TASK INSTRUCTIONS: What is the number of lines below that contain the word "subcontext"? Respond with that number alone.

(Source records)
# # # # # # #
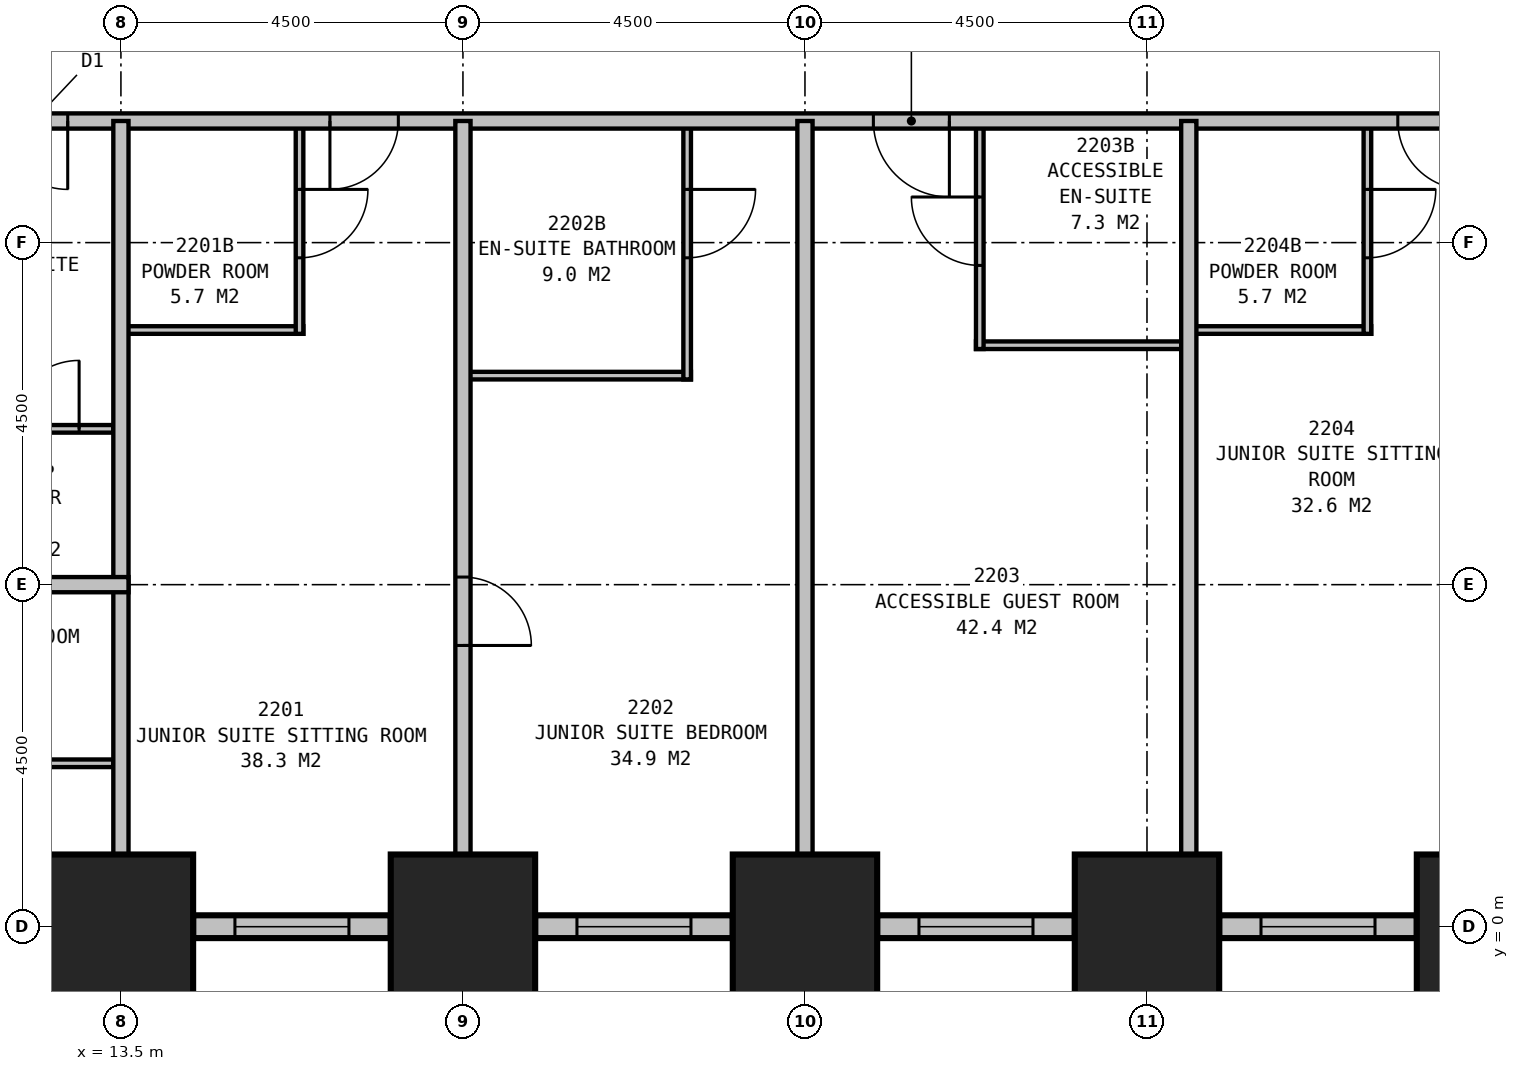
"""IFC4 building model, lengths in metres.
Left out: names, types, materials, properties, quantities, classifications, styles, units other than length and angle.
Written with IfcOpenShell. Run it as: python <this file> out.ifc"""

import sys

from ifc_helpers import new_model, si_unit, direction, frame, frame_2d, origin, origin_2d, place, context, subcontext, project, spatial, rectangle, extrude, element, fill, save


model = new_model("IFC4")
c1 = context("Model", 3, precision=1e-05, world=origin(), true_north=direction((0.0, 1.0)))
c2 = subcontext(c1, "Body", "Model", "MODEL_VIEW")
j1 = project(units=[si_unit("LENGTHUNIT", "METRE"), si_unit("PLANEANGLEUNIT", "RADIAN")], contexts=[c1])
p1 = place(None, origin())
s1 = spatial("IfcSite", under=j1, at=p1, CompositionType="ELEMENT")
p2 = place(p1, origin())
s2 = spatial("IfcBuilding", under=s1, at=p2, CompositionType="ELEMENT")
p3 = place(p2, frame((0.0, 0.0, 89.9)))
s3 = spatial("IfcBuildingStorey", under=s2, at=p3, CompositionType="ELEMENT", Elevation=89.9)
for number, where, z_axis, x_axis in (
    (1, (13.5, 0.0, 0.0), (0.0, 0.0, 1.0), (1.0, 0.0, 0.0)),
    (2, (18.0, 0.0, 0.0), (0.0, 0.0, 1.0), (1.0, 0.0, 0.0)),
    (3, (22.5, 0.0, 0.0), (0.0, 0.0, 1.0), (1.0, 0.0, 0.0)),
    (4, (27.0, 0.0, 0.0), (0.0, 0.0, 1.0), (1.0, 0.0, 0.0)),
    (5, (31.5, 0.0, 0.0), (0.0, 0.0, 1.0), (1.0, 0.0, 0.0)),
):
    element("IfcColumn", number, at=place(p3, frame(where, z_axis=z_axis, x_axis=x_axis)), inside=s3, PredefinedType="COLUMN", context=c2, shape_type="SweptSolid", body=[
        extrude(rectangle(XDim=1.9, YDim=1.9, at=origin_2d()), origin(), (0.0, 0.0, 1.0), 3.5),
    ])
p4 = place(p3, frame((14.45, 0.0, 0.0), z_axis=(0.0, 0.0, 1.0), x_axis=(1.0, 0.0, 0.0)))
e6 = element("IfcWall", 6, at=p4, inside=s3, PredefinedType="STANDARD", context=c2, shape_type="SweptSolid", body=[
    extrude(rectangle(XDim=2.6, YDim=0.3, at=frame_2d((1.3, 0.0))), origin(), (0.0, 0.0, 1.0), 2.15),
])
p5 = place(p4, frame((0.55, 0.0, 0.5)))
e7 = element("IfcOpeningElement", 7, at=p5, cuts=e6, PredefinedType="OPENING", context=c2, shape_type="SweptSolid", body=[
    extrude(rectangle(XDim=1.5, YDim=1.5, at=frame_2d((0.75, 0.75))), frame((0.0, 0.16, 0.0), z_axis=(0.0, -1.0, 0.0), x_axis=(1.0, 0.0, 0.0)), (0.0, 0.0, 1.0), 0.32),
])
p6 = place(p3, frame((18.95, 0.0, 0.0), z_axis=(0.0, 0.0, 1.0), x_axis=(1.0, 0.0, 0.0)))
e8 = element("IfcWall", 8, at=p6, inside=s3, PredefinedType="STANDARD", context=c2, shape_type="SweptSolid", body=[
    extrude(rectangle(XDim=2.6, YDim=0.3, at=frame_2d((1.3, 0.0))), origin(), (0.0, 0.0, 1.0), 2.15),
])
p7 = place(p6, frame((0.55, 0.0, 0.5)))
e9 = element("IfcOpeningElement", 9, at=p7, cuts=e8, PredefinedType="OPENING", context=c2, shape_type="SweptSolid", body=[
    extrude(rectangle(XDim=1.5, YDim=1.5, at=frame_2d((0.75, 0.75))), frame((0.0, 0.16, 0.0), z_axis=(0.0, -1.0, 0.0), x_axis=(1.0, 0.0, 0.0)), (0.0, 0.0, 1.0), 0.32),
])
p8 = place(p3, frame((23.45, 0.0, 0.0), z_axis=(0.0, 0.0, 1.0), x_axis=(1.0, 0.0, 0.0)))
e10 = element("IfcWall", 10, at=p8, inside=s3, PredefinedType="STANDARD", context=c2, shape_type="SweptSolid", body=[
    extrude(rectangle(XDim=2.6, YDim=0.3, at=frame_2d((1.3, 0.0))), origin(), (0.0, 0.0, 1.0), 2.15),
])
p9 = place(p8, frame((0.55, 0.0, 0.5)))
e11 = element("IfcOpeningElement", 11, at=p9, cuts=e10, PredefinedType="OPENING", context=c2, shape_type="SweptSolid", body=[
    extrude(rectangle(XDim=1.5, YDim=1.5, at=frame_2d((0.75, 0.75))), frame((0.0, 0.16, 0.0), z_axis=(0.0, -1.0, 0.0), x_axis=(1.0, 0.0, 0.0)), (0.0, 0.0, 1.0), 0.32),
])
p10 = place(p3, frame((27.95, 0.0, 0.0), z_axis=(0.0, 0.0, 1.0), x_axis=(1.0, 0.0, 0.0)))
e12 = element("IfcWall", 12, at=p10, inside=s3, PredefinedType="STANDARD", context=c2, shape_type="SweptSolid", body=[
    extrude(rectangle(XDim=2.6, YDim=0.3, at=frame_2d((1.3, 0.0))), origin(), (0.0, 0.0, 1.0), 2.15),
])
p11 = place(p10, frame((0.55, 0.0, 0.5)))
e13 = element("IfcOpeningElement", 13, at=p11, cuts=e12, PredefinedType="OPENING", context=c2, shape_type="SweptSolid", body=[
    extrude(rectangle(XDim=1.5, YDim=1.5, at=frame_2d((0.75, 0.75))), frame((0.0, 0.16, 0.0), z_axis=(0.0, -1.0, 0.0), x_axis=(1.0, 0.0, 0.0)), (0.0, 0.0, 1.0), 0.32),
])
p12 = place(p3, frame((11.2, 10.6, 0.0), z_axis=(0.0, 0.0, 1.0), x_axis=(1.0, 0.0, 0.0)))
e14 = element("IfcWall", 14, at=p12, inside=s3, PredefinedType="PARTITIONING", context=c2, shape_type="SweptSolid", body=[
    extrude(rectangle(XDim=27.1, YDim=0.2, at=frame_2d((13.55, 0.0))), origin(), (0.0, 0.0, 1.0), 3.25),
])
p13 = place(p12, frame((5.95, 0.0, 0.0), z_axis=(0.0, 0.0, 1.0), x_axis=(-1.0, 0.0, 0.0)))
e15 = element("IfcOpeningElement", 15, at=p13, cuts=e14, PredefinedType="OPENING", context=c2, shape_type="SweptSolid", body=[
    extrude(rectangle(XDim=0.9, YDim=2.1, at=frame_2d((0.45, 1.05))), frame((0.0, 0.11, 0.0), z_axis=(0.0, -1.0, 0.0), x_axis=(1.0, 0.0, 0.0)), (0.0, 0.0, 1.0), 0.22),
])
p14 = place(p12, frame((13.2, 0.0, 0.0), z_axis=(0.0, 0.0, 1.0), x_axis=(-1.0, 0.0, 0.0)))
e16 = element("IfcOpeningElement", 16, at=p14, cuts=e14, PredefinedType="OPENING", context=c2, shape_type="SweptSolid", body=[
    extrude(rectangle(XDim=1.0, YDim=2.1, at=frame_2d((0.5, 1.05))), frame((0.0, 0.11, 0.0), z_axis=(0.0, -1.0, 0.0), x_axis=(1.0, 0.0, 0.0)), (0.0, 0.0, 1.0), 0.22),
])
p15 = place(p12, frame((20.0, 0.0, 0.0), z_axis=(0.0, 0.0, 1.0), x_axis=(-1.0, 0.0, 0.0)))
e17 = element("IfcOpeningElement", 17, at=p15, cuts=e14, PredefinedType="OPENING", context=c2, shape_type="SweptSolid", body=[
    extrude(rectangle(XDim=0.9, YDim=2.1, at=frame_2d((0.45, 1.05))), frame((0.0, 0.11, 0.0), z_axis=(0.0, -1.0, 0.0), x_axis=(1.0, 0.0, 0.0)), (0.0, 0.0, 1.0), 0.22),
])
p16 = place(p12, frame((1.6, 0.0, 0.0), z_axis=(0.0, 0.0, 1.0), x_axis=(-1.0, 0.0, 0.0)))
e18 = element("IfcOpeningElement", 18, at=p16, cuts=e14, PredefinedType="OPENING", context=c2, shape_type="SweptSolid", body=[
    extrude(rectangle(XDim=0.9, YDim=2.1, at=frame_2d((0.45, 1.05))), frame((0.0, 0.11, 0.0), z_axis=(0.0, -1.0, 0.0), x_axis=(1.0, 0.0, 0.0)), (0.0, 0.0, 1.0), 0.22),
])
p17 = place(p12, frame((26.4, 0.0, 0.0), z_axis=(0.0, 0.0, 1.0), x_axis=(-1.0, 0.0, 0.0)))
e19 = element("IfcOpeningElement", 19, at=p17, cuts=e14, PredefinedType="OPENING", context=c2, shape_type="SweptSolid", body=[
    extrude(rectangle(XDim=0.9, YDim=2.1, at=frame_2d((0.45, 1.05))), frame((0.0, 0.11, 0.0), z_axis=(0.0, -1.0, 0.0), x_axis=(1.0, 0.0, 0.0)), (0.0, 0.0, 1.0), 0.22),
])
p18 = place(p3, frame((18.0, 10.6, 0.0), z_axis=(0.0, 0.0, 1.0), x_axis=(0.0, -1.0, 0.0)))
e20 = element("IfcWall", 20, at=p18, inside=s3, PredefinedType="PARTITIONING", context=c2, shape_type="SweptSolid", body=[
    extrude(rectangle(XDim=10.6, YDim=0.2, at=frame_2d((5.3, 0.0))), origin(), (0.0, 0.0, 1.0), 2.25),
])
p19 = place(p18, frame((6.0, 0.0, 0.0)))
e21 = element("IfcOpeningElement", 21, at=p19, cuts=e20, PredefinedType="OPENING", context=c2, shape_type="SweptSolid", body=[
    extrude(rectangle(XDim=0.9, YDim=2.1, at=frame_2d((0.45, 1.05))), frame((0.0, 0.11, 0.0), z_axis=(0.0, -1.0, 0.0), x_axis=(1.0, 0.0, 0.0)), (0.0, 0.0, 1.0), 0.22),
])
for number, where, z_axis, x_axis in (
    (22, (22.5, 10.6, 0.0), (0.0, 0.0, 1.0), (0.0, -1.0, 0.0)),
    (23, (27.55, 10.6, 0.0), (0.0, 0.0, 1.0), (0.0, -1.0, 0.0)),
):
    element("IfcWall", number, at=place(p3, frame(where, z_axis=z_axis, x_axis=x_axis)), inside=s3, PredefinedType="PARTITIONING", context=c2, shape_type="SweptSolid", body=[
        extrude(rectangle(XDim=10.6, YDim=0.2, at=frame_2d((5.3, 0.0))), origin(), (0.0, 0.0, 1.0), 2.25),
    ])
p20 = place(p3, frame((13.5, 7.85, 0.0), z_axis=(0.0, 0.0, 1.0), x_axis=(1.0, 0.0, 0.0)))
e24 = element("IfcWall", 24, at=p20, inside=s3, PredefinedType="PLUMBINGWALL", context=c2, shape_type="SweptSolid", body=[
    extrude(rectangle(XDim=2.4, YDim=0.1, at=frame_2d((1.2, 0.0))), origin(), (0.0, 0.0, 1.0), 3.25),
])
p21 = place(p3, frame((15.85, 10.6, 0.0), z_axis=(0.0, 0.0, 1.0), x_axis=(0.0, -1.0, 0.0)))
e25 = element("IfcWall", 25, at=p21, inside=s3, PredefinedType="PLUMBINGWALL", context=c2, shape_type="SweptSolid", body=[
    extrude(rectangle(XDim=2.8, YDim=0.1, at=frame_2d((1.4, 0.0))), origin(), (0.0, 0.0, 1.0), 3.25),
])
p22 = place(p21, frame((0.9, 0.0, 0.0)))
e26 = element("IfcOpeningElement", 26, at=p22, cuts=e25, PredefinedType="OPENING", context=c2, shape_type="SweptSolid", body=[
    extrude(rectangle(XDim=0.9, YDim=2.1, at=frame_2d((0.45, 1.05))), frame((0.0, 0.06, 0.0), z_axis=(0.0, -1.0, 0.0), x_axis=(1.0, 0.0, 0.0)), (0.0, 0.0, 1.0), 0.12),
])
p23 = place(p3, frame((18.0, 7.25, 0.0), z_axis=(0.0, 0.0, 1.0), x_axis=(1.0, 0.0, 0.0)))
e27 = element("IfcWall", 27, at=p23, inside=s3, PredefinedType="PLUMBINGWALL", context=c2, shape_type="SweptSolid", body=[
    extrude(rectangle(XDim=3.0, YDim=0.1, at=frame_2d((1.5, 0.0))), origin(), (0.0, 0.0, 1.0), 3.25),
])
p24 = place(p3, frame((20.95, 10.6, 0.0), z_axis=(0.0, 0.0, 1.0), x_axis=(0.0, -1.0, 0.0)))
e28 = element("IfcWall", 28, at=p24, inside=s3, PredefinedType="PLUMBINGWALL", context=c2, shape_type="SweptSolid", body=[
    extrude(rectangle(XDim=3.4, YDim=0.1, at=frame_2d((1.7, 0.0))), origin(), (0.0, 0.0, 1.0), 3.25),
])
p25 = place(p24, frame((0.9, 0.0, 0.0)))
# # # # # # #
PROBLEM SOLUTION: 2